WHAT IS REQUIRED:
Pictures do not belong in the output. Reproduce exactly the lines from the start of the records through the line with "color=color, linetype=linetype, lineweight=lineweight)".

(Beginning of RECORDS FOR THE TASK)

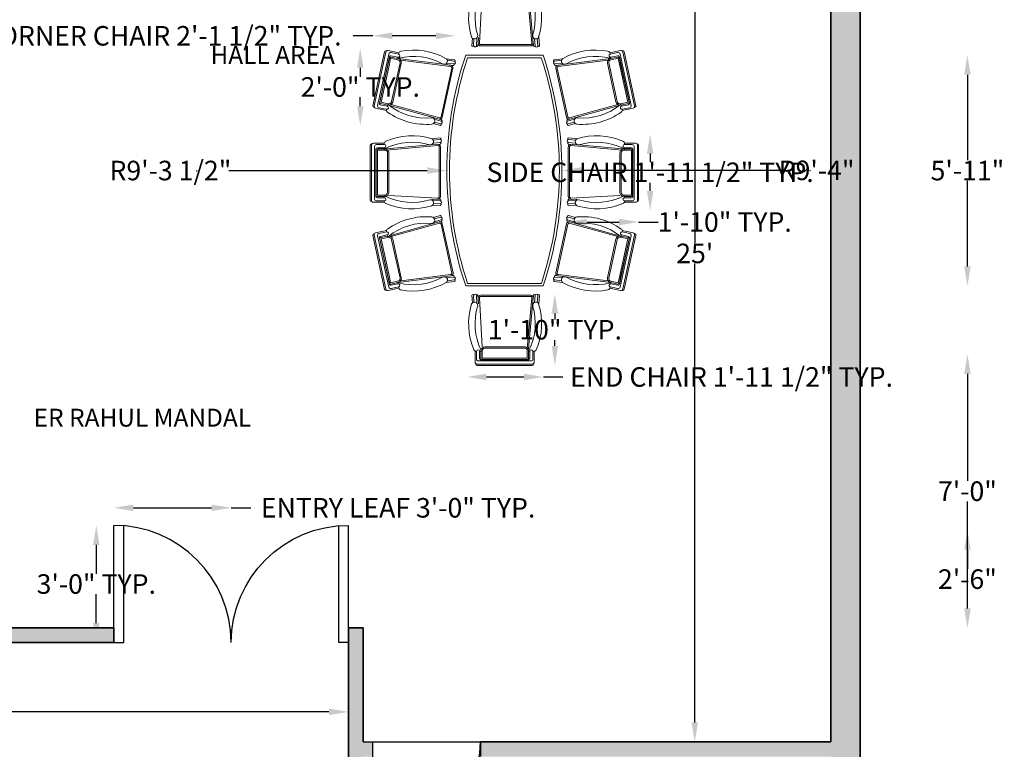
# Model space of a CAD drawing. Units: inches. Extents: x 2490 to 2996, y 1528 to 2269.
# Tile 3 of 4: x 2693 to 2996, y 1755 to 1979. Entities that reach past the tile are written whole.
import ezdxf

# ---------------------------------------------------------------- set-up
doc = ezdxf.new("R2010")
doc.units = ezdxf.units.IN
for name, color, linetype, lineweight in [('A-ANNO-DIMS', 2, 'Continuous', 18), ('A-DOOR', 4, 'Continuous', 25), ('A-FURN', 8, 'Continuous', 18), ('A-WALL', 7, 'Continuous', 35)]:
    doc.layers.add(name, color=color, linetype=linetype, lineweight=lineweight)
for name, color, linetype, lineweight, true_color in [('A-ANNO-TEXT', 244, 'Continuous', 18, 0x991b1e), ('A-AREA-IDEN', 244, 'Continuous', 25, 0x991b1e), ('A-WALL-PATT', 85, 'Continuous', 13, 0x58ba48)]:
    doc.layers.add(name, color=color, linetype=linetype, lineweight=lineweight, true_color=true_color)
doc.styles.get("Standard").update_dxf_attribs({"font": 'arial.ttf'})
doc.dimstyles.get("Standard").update_dxf_attribs({"dimtxt": 6, "dimasz": 6, "dimexe": 0.18, "dimexo": 0.0625, "dimgap": 0.09, "dimtad": 0, "dimtih": 1, "dimtoh": 1, "dimdec": 4, "dimzin": 0, "dimdsep": 46, "dimlunit": 4, "dimtxsty": 'Standard', "dimcen": 0.09, "dimse1": 1, "dimse2": 1, "dimadec": 0, "dimazin": 0, "dimtfac": 1, "dimtdec": 4, "dimtofl": 0, "dimtmove": 0, "dimatfit": 3, "dimfxl": 1, "dimtolj": 1, "dimtzin": 0, "dimarcsym": 0})

# ---------------------------------------------------------------- blocks, each defined once
blk = doc.blocks.new('*D13')
at = {"layer": 'A-ANNO-DIMS', "color": 0, "lineweight": -2, "transparency": 16777216}
for p, q in [((2900.56, 2051.63), (2900.56, 1910.79)), ((2900.56, 1763.63), (2900.56, 1904.48))]:
    blk.add_line(p, q, dxfattribs=at)
at = {"layer": 'A-ANNO-DIMS', "color": 0, "transparency": 16777216}
for points in [[(2899.56, 2051.63), (2901.56, 2051.63), (2900.56, 2057.63)], [(2899.56, 1763.63), (2901.56, 1763.63), (2900.56, 1757.63)]]:
    blk.add_solid(points, dxfattribs=at)
at = {"layer": 'Defpoints', "color": 0, "transparency": 16777216}
for p in [(2942.28, 2057.63), (2900.56, 1757.63), (2942.28, 1757.63)]:
    blk.add_point(p, dxfattribs=at)
at = {"layer": 'A-ANNO-DIMS', "color": 0, "transparency": 16777216, "insert": (2900.56, 1907.63), "char_height": 6, "attachment_point": 5}
blk.add_mtext("\\A1;25'", dxfattribs=at)
blk = doc.blocks.new('*D19')
at = {"layer": 'A-ANNO-DIMS', "color": 0, "lineweight": -2, "transparency": 16777216}
for p, q in [((2549.28, 1766.88), (2656, 1766.88)), ((2788.28, 1766.88), (2681.56, 1766.88))]:
    blk.add_line(p, q, dxfattribs=at)
at = {"layer": 'A-ANNO-DIMS', "color": 0, "transparency": 16777216}
for points in [[(2549.28, 1767.88), (2549.28, 1765.88), (2543.28, 1766.88)], [(2788.28, 1767.88), (2788.28, 1765.88), (2794.28, 1766.88)]]:
    blk.add_solid(points, dxfattribs=at)
at = {"layer": 'Defpoints', "color": 0, "transparency": 16777216}
for p in [(2794.28, 1766.88), (2543.28, 1759.76), (2794.28, 1759.76)]:
    blk.add_point(p, dxfattribs=at)
at = {"layer": 'A-ANNO-DIMS', "color": 0, "transparency": 16777216, "insert": (2668.78, 1766.88), "char_height": 6, "attachment_point": 5}
blk.add_mtext('\\A1;20\'-11"', dxfattribs=at)
blk = doc.blocks.new('DOOR-ENTRY-LEAF-36IN')
for p, q in [((0, 0), (0, 36)), ((3, 0), (3, 36)), ((0, 0), (3, 0))]:
    blk.add_line(p, q)
blk.add_arc((0, 0), 36, 0, 90)
blk = doc.blocks.new('CHAIR-DINING-CORNER')
for p, q in [((4.26, 21.41), (4.94, 21.22)), ((4.36, 21.87), (6.47, 21.28)), ((4.54, 22.71), (6.42, 22.2)), ((4.59, 23.23), (4.59, 23.23)), ((4.62, 23.22), (6.79, 22.61)), ((5, 21.22), (19.48, 17.21)), ((4.02, 20.62), (0.74, 5.62)), ((4.4, 20.54), (1.13, 5.54)), ((4.89, 20.84), (19.73, 16.73)), ((21.14, 18.61), (24.49, 17.88)), ((21.14, 18.21), (23.44, 17.71)), ((19.21, 15.99), (16.62, 4.07)), ((19.57, 15.76), (17, 3.99)), ((19.39, 17.23), (20.37, 16.94)), ((23.34, 16.32), (20.24, 2.09)), ((20.26, 4.3), (22.82, 16.06)), ((23.9, 17), (20.46, 1.23)), ((20.64, 4.22), (23.21, 15.97)), ((20.74, 16.51), (22.82, 16.06)), ((20.84, 16.89), (22.91, 16.44)), ((20.92, 17.24), (20.85, 16.92)), ((20.93, 17.25), (23.04, 16.79)), ((24.94, 17.18), (21.33, 0.64)), ((25.33, 17.1), (21.72, 0.55)), ((0.26, 3.41), (0.26, 3.41)), ((0.34, 3.44), (2.48, 3.17)), ((0.52, 4.28), (2.67, 4.03)), ((0.64, 4.77), (1.92, 4.61)), ((1.42, 4.67), (3.78, 4.38)), ((1.47, 5.06), (16.8, 3.15)), ((3.78, 4.38), (17.65, 2.64)), ((17.73, 3.02), (17.67, 3.04)), ((19.88, 2.55), (20.26, 4.3)), ((20.26, 2.47), (20.64, 4.22)), ((0.24, 2.97), (2.81, 2.67)), ((20.63, 0.19), (17.36, 0.9)), ((17.44, 1.27), (17.38, 0.97)), ((19.75, 0.78), (17.45, 1.29)), ((17.62, 2.65), (17.65, 2.64)), ((17.65, 2.64), (19.79, 2.17)), ((19.77, 1.79), (17.65, 2.25)), ((17.72, 2.23), (17.72, 2.23)), ((17.73, 3.02), (19.88, 2.55))]:
    blk.add_line(p, q)
for centre, radius, start, end in [((4.79, 20.46), 0.787, 74.5362, 167.6967), ((4.46, 22.28), 0.433, 77.6968, 257.6966), ((4.32, 21.64), 0.226, 76.2395, 256.2393), ((4.59, 22.95), 0.264, 76.4476, 256.4474), ((7.31, 21.78, -10.71), 0.982, 93.0636, 273.0635), ((8.98, 2.42), 20.42, 54.5172, 95.0077), ((4.79, 20.46), 0.394, 74.5362, 167.6967), ((8.98, 2.42), 18.46, 51.2332, 95.0077), ((21.06, 17.72), 0.497, 81.2909, 255.8056), ((20.38, 18.41), 0.787, 345.1864, 54.5172), ((20.37, 15.74), 1.18, 88.5122, 167.6967), ((20.53, 15.55), 0.984, 77.6967, 167.6967), ((20.66, 16.97), 0.197, 231.2332, 347.6967), ((22.82, 16.06), 0.394, 347.6967, 77.6967), ((22.96, 16.4), 0.394, 347.697, 77.6967), ((23.32, 17.13), 0.591, 347.697, 77.6967), ((24.36, 17.3), 0.591, 347.697, 77.6967), ((24.94, 17.16), 0.405, 347.6967, 77.6966), ((0.43, 3.86), 0.429, 77.6968, 257.6966), ((0.29, 3.21), 0.243, 77.6968, 257.6966), ((0.58, 4.52), 0.25, 76.5144, 256.5143), ((1.51, 5.46), 0.787, 167.6967, 262.8716), ((1.51, 5.46), 0.394, 167.6967, 262.8716), ((3.43, 3.41), 0.982, 62.3299, 227.569), ((12.9, 20.42), 18.46, 240.3857, 284.1301), ((17.77, 3.82), 1.18, 167.6967, 262.8716), ((17.77, 3.82), 0.787, 167.6967, 262.8716), ((12.9, 20.42), 20.42, 240.3857, 280.8762), ((16.61, 1.14), 0.787, 280.8762, 347.6967), ((17.56, 1.74), 0.498, 77.6968, 257.6966), ((17.46, 2.33), 0.197, 18.2858, 104.1301), ((17.34, 2.3), 0.315, 347.6967, 18.2858), ((19.88, 1.36), 0.591, 257.6974, 347.697), ((19.85, 2.17), 0.394, 257.6974, 347.697), ((19.88, 2.55), 0.394, 257.6967, 347.6967), ((20.76, 0.76), 0.591, 257.6974, 347.697), ((21.33, 0.63), 0.405, 237.0843, 347.6967)]:
    blk.add_arc(centre, radius, start, end)
blk = doc.blocks.new('CHAIR-DINING-SIDE')
for p, q in [((0.36, 21.32), (0.36, 21.32)), ((0.43, 21.75), (3.03, 21.52)), ((0.43, 21.27), (2.58, 21.08)), ((0.36, 3.7), (0.36, 19.05)), ((0.43, 20.41), (2.58, 20.2)), ((0.45, 19.9), (1.72, 19.79)), ((0.76, 3.7), (0.76, 19.05)), ((1.18, 19.44), (16.88, 18.02)), ((1.22, 19.83), (3.6, 19.62)), ((3.6, 19.62), (16.88, 18.42)), ((17.49, 18.36), (17.51, 18.36)), ((17.52, 18.37), (19.71, 18.37)), ((20.95, 20.12), (17.6, 20.12)), ((17.6, 19.74), (17.6, 20.05)), ((19.97, 19.73), (17.6, 19.73)), ((19.77, 18.75), (17.6, 18.75)), ((17.67, 18.75), (17.67, 18.75)), ((20.16, 3.78), (20.16, 18.35)), ((20.56, 3), (20.56, 19.14)), ((21.54, 2.6), (21.54, 19.53)), ((21.93, 2.6), (21.93, 19.53)), ((16.2, 4.99), (16.2, 17.19)), ((16.59, 5.13), (16.59, 17.19)), ((17.52, 17.97), (19.71, 17.97)), ((19.71, 17.97), (19.71, 4.15)), ((20.1, 17.97), (20.1, 4.15)), ((1.17, 3.3), (16.18, 4.13)), ((17.54, 3.41), (17.6, 3.42)), ((17.58, 4.15), (19.71, 4.15)), ((17.6, 3.76), (19.71, 3.76)), ((17.6, 3.4), (17.6, 3.73)), ((17.6, 3.39), (19.77, 3.39)), ((0.36, 1.03), (0.36, 1.03)), ((0.4, 1.03), (2.72, 1.17)), ((0.43, 2.41), (2.86, 2.55)), ((0.43, 1.55), (2.49, 1.65)), ((0.44, 2.87), (1.14, 2.92)), ((1.19, 2.91), (2.98, 3.01)), ((17.52, 2.01), (20.95, 2.01)), ((17.55, 2.41), (17.6, 2.41)), ((17.6, 2.41), (19.97, 2.41))]:
    blk.add_line(p, q)
for centre, radius, start, end in [((0.43, 20.84), 0.429, 90.0001, 269.9999), ((0.43, 21.51), 0.243, 90.0001, 269.9999), ((3.46, 20.64), 0.982, 105.3669, 285.3668), ((9.09, 2), 20.42, 66.8205, 107.311), ((0.43, 20.16), 0.25, 91.1824, 271.1823), ((1.15, 19.05), 0.787, 84.8251, 180), ((1.15, 19.05), 0.394, 84.8251, 180), ((9.09, 2), 18.46, 63.5666, 107.311), ((17.38, 17.19), 1.18, 84.8251, 180), ((17.62, 19.26), 0.498, 90.0001, 269.9999), ((16.82, 20.05), 0.787, 0, 66.8205), ((17.39, 18.7), 0.197, 243.5666, 329.4109), ((17.29, 18.76), 0.315, 329.4109, 0), ((9.09, 2), 18.46, 62.2307, 62.4303), ((19.71, 17.97), 0.394, 0, 90), ((19.77, 18.35), 0.394, 359.9996, 89.9993), ((19.97, 19.14), 0.591, 359.9996, 89.9993), ((20.95, 19.53), 0.591, 359.9996, 89.9993), ((21.54, 19.54), 0.405, 0, 89.9979), ((17.38, 17.19), 0.787, 84.8251, 180), ((1.15, 3.7), 0.787, 180, 273.1605), ((1.15, 3.7), 0.394, 180, 273.1605), ((9.09, 20.42), 18.46, 252.689, 296.4635), ((17.38, 4.99), 1.18, 180, 261.0504), ((17.58, 5.13), 0.984, 180, 270), ((17.62, 2.92), 0.481, 90.0001, 269.9999), ((17.4, 3.73), 0.197, 0, 116.4635), ((19.71, 4.15), 0.394, 270, 0), ((19.77, 3.78), 0.394, 270, 359.9996), ((0.45, 1.99), 0.433, 90.0001, 269.9999), ((0.43, 1.3), 0.264, 91.2493, 271.2491), ((0.44, 2.65), 0.226, 91.4574, 271.4572), ((3.49, 1.8), 1.01, 83.9479, 253.3079), ((9.09, 20.42), 20.42, 252.689, 293.1795), ((16.82, 2.37), 0.787, 293.1795, 0), ((19.97, 3), 0.591, 270, 359.9996), ((20.95, 2.6), 0.591, 270, 359.9996), ((21.54, 2.62), 0.405, 270.0001, 0)]:
    blk.add_arc(centre, radius, start, end)
blk = doc.blocks.new('CHAIR-DINING-END')
for p, q in [((1.03, 21.58), (1.03, 21.58)), ((1.03, 21.55), (1.17, 19.23)), ((1.55, 21.51), (1.65, 19.45)), ((2.41, 21.51), (2.55, 19.09)), ((2.87, 21.51), (2.92, 20.8)), ((3.7, 21.58), (19.05, 21.58)), ((3.7, 21.19), (19.05, 21.19)), ((19.9, 21.5), (19.79, 20.22)), ((20.41, 21.51), (20.2, 19.36)), ((21.27, 21.51), (21.08, 19.36)), ((21.32, 21.58), (21.32, 21.58)), ((21.75, 21.51), (21.52, 18.92)), ((2.91, 20.75), (3.01, 18.96)), ((3.3, 20.77), (4.13, 5.77)), ((19.44, 20.76), (18.02, 5.06)), ((19.83, 20.72), (18.42, 5.06)), ((2.01, 4.43), (2.01, 0.99)), ((2.41, 4.39), (2.41, 4.34)), ((2.41, 4.34), (2.41, 1.98)), ((3.39, 4.34), (3.39, 2.17)), ((3.4, 4.35), (3.73, 4.35)), ((3.41, 4.4), (3.42, 4.34)), ((3.76, 4.35), (3.76, 2.23)), ((4.15, 4.37), (4.15, 2.23)), ((4.99, 5.74), (17.19, 5.74)), ((5.13, 5.35), (17.19, 5.35)), ((17.97, 4.43), (17.97, 2.23)), ((18.36, 4.46), (18.36, 4.43)), ((18.37, 4.43), (18.37, 2.23)), ((18.75, 2.17), (18.75, 4.34)), ((18.75, 4.28), (18.75, 4.28)), ((19.73, 1.98), (19.73, 4.34)), ((19.74, 4.34), (20.05, 4.34)), ((20.12, 0.99), (20.12, 4.34)), ((2.6, 0.4), (19.53, 0.4)), ((2.6, 0.01), (19.53, 0.01)), ((3, 1.39), (19.14, 1.39)), ((3.78, 1.78), (18.35, 1.78)), ((17.97, 2.23), (4.15, 2.23)), ((17.97, 1.84), (4.15, 1.84))]:
    blk.add_line(p, q)
for centre, radius, start, end in [((1.3, 21.52), 0.264, 1.2493, 181.2491), ((1.99, 21.5), 0.433, 0.0001, 179.9999), ((2.65, 21.5), 0.226, 1.4574, 181.4572), ((3.7, 20.79), 0.787, 90, 183.1605), ((3.7, 20.79), 0.394, 90, 183.1605), ((19.05, 20.79), 0.787, 354.8251, 90), ((19.05, 20.79), 0.394, 354.8251, 90), ((20.16, 21.51), 0.25, 1.1824, 181.1823), ((20.84, 21.51), 0.429, 0.0001, 179.9999), ((21.51, 21.51), 0.243, 0.0001, 179.9999), ((20.42, 12.86), 20.42, 162.689, 203.1795), ((1.8, 18.45), 1.01, 353.9479, 163.3079), ((20.42, 12.86), 18.46, 162.689, 206.4635), ((2, 12.86), 18.46, 333.5666, 17.311), ((20.64, 18.48), 0.982, 15.3669, 195.3668), ((2, 12.86), 20.42, 336.8205, 17.311), ((2.37, 5.13), 0.787, 203.1795, 270), ((2.92, 4.33), 0.481, 0.0001, 179.9999), ((3.73, 4.54), 0.197, 270, 26.4635), ((4.99, 4.56), 1.18, 90, 171.0504), ((5.13, 4.37), 0.984, 90, 180), ((17.19, 4.56), 1.18, 354.8251, 90), ((17.19, 4.56), 0.787, 354.8251, 90), ((2, 12.86), 18.46, 332.2307, 332.4303), ((18.7, 4.55), 0.197, 153.5666, 239.4109), ((18.76, 4.65), 0.315, 239.4109, 270), ((19.26, 4.33), 0.498, 0.0001, 179.9999), ((20.05, 5.13), 0.787, 270, 336.8205), ((2.6, 0.99), 0.591, 180, 269.9996), ((2.62, 0.41), 0.405, 180.0001, 270), ((3, 1.98), 0.591, 180, 269.9996), ((3.78, 2.17), 0.394, 180, 269.9996), ((4.15, 2.23), 0.394, 180, 270), ((17.97, 2.23), 0.394, 270, 0), ((18.35, 2.17), 0.394, 269.9996, 359.9993), ((19.14, 1.98), 0.591, 269.9996, 359.9993), ((19.53, 0.99), 0.591, 269.9996, 359.9993), ((19.54, 0.41), 0.405, 270, 359.9979)]:
    blk.add_arc(centre, radius, start, end)
blk = doc.blocks.new('*D36')
at = {"layer": 'A-ANNO-DIMS', "color": 0, "lineweight": -2, "transparency": 16777216}
for p, q in [((2728.28, 1829.53), (2752.28, 1829.53)), ((2758.28, 1829.53), (2764.28, 1829.53))]:
    blk.add_line(p, q, dxfattribs=at)
at = {"layer": 'A-ANNO-DIMS', "color": 0, "transparency": 16777216}
for points in [[(2728.28, 1830.53), (2728.28, 1828.53), (2722.28, 1829.53)], [(2752.28, 1830.53), (2752.28, 1828.53), (2758.28, 1829.53)]]:
    blk.add_solid(points, dxfattribs=at)
at = {"layer": 'Defpoints', "color": 0, "transparency": 16777216}
for p in [(2758.28, 1829.53), (2722.28, 1824.13), (2758.28, 1824.13)]:
    blk.add_point(p, dxfattribs=at)
at = {"layer": 'A-ANNO-DIMS', "color": 0, "transparency": 16777216, "insert": (2809.51, 1829.53), "char_height": 6, "attachment_point": 5}
blk.add_mtext('\\A1;ENTRY LEAF 3\'-0" TYP.', dxfattribs=at)
blk = doc.blocks.new('*D37')
at = {"layer": 'A-ANNO-DIMS', "color": 0, "lineweight": -2, "transparency": 16777216}
for p, q in [((2716.88, 1818.13), (2716.88, 1809.29)), ((2716.88, 1794.13), (2716.88, 1802.98))]:
    blk.add_line(p, q, dxfattribs=at)
at = {"layer": 'A-ANNO-DIMS', "color": 0, "transparency": 16777216}
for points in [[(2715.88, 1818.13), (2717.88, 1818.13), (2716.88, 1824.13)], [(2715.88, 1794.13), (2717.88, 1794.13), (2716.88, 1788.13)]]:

(End of RECORDS FOR THE TASK)

TASK ANSWER:
# Model space of a CAD drawing. Units: inches. Extents: x 2490 to 2996, y 1528 to 2269.
# Tile 3 of 4: x 2693 to 2996, y 1755 to 1979. Entities that reach past the tile are written whole.
import ezdxf

# ---------------------------------------------------------------- set-up
doc = ezdxf.new("R2010")
doc.units = ezdxf.units.IN
for name, color, linetype, lineweight in [('A-ANNO-DIMS', 2, 'Continuous', 18), ('A-DOOR', 4, 'Continuous', 25), ('A-FURN', 8, 'Continuous', 18), ('A-WALL', 7, 'Continuous', 35)]:
    doc.layers.add(name, color=color, linetype=linetype, lineweight=lineweight)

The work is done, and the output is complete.